Activity:
Scan the listing that follows and report how many lines contain "import". Write the number alone.

Listed entries:
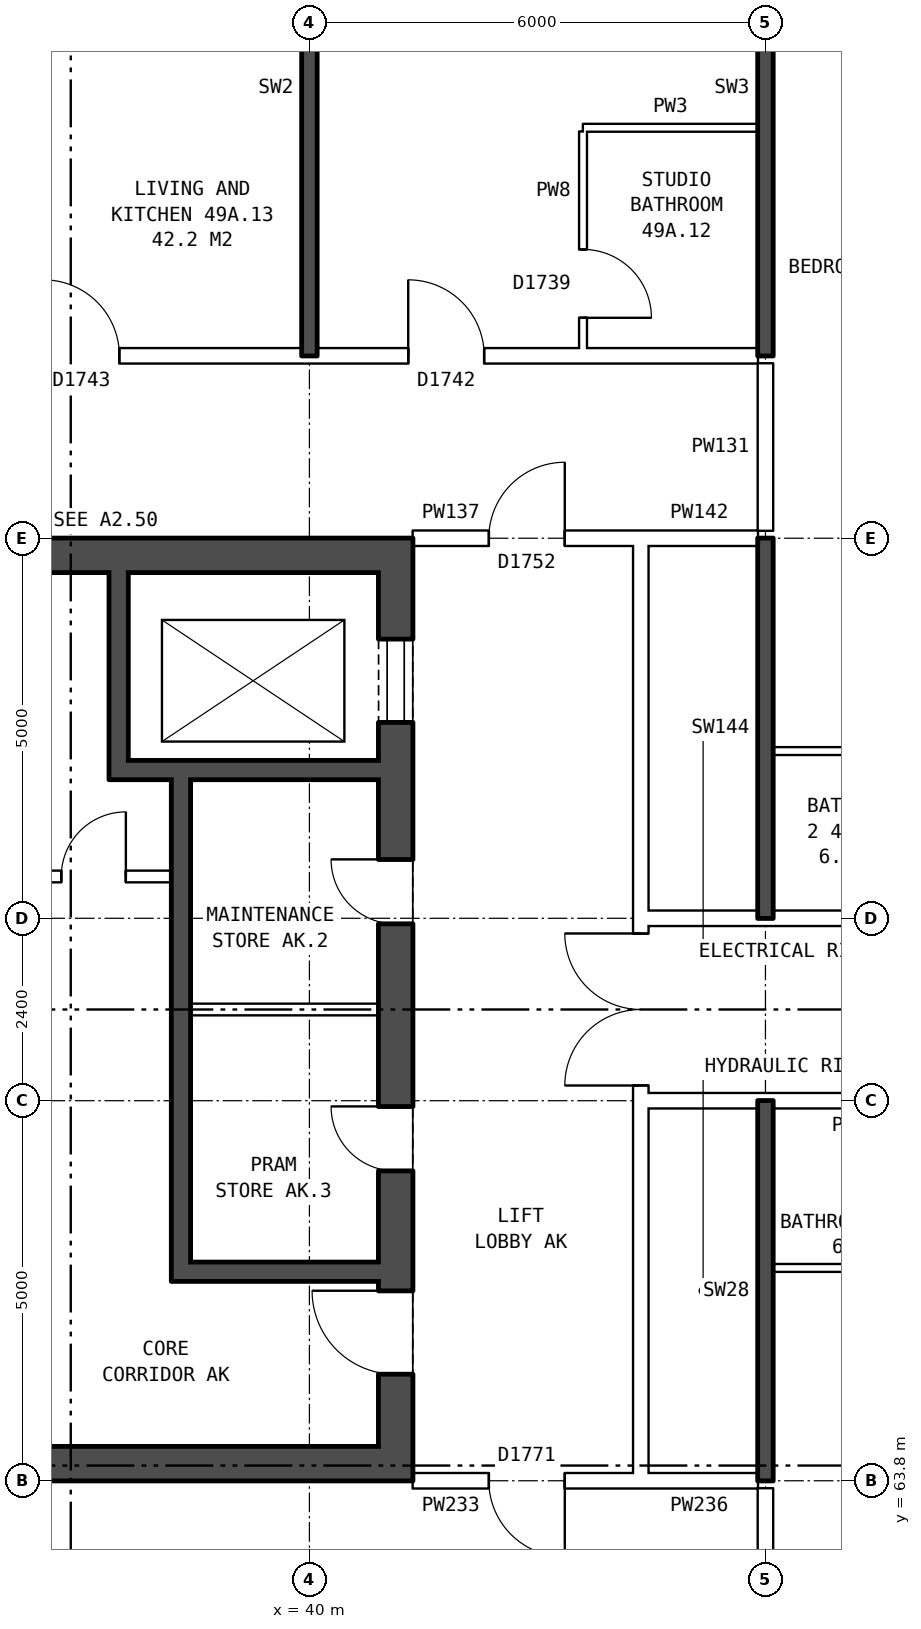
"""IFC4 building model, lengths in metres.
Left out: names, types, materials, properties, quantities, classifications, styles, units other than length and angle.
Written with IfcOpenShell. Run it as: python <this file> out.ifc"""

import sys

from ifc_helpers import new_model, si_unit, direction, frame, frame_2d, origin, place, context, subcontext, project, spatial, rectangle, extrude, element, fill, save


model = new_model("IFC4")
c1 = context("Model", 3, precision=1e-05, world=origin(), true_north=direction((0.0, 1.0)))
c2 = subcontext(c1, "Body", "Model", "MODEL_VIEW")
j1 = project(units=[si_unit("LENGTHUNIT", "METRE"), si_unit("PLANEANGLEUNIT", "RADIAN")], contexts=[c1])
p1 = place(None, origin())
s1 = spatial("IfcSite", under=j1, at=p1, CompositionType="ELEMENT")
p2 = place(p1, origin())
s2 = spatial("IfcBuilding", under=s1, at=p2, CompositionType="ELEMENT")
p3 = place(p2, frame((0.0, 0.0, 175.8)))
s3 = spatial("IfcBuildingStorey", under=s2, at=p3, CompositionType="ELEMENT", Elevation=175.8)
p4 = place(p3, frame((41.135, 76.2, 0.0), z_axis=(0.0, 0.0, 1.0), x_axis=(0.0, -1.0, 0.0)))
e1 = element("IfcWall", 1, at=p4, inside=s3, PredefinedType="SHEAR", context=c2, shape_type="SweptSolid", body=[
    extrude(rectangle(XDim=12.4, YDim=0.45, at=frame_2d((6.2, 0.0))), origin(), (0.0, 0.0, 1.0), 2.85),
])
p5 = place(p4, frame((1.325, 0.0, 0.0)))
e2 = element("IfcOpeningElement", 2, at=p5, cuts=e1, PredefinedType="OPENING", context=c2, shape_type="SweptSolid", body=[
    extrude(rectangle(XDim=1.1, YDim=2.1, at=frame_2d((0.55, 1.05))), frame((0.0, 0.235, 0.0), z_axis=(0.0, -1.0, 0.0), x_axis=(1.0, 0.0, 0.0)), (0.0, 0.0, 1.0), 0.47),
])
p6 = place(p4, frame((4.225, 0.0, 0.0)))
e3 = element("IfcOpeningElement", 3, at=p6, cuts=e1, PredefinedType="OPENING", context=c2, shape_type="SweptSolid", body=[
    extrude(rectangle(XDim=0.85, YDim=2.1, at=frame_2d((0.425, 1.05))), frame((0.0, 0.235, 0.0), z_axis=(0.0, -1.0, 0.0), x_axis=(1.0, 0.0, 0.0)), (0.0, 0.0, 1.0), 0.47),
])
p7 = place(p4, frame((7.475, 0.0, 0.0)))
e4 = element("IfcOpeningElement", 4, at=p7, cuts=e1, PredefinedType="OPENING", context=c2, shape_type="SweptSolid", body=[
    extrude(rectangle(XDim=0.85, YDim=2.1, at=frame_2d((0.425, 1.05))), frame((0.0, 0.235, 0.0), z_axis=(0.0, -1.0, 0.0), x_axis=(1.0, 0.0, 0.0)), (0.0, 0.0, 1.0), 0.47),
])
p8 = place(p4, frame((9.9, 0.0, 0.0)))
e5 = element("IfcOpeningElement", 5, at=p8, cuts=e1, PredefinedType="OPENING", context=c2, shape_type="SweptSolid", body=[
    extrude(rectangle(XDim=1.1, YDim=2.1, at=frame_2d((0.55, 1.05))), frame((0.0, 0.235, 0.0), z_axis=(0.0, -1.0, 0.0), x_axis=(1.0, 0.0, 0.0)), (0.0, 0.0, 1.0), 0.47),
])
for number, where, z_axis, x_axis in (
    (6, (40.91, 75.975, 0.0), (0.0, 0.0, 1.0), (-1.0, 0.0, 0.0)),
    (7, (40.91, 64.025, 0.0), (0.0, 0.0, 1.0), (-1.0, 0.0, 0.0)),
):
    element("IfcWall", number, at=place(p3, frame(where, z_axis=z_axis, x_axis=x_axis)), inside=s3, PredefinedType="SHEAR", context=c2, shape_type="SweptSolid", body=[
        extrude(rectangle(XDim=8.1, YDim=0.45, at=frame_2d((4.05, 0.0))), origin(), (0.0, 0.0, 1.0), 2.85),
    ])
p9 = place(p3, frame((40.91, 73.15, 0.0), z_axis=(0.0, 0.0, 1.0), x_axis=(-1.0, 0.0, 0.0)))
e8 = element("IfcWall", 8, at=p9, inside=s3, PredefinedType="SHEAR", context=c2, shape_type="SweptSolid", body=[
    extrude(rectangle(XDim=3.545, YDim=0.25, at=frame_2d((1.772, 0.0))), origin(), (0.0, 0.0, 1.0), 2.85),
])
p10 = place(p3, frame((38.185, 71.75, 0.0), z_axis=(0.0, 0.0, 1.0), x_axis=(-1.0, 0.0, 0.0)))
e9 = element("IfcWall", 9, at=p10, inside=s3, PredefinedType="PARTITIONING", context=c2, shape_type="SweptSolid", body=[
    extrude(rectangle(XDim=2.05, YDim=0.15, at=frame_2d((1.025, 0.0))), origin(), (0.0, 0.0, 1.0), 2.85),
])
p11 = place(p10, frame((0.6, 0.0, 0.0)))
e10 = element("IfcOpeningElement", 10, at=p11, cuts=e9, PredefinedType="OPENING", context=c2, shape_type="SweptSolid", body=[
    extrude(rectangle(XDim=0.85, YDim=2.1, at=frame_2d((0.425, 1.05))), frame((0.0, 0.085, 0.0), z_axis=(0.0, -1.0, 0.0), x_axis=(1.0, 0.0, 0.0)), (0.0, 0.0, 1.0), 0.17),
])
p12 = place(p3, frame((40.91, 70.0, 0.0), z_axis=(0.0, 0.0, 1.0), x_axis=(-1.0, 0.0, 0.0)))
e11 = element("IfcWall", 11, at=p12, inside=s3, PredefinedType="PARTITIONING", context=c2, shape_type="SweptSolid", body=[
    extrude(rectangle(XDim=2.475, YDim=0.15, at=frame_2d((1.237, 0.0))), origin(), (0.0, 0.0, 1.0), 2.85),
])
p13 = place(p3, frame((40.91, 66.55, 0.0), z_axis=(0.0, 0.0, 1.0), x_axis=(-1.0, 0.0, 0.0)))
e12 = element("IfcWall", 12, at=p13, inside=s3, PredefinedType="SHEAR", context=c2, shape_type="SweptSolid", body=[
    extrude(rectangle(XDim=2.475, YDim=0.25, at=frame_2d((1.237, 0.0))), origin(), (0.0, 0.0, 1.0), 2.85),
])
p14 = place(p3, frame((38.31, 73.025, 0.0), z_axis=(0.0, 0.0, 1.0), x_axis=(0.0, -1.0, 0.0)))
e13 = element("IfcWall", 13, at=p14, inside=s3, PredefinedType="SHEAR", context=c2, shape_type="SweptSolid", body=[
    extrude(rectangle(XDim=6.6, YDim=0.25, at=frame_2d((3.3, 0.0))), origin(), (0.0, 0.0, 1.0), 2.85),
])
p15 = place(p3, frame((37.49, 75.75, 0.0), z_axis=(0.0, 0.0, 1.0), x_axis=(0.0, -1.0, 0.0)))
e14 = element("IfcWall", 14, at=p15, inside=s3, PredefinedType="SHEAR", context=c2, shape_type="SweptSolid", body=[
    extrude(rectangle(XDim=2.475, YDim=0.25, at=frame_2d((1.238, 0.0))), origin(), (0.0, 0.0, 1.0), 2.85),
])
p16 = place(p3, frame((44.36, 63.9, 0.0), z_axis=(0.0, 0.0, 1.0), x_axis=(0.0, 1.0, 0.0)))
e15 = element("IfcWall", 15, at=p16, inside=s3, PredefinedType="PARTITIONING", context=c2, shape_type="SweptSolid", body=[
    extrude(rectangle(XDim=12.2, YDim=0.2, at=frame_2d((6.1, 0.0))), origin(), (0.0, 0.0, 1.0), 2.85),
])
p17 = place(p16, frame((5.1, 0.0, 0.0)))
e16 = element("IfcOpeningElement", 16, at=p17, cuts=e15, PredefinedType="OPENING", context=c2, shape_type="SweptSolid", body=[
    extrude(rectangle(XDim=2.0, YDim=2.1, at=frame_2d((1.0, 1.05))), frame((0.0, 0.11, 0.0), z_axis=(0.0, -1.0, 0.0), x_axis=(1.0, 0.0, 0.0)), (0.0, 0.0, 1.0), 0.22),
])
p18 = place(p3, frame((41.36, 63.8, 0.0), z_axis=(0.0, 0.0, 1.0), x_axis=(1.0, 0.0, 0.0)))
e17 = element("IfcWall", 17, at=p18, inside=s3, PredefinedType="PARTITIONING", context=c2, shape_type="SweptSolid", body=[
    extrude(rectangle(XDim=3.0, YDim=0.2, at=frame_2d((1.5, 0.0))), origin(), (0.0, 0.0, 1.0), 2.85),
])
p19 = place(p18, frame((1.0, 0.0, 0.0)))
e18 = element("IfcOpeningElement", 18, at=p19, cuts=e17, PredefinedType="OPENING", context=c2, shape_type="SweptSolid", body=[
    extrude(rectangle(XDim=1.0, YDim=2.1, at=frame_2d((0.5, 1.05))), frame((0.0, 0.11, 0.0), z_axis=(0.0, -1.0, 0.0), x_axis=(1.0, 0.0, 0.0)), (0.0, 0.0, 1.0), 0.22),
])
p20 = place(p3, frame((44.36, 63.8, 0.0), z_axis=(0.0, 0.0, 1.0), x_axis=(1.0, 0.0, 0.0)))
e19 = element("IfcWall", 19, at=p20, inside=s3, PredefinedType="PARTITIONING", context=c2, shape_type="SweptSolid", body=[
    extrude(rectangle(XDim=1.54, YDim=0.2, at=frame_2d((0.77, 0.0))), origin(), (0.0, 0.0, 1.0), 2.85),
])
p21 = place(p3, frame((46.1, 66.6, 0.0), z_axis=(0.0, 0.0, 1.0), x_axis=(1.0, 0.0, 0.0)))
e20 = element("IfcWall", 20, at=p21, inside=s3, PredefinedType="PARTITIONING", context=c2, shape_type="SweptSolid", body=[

Answer below:
2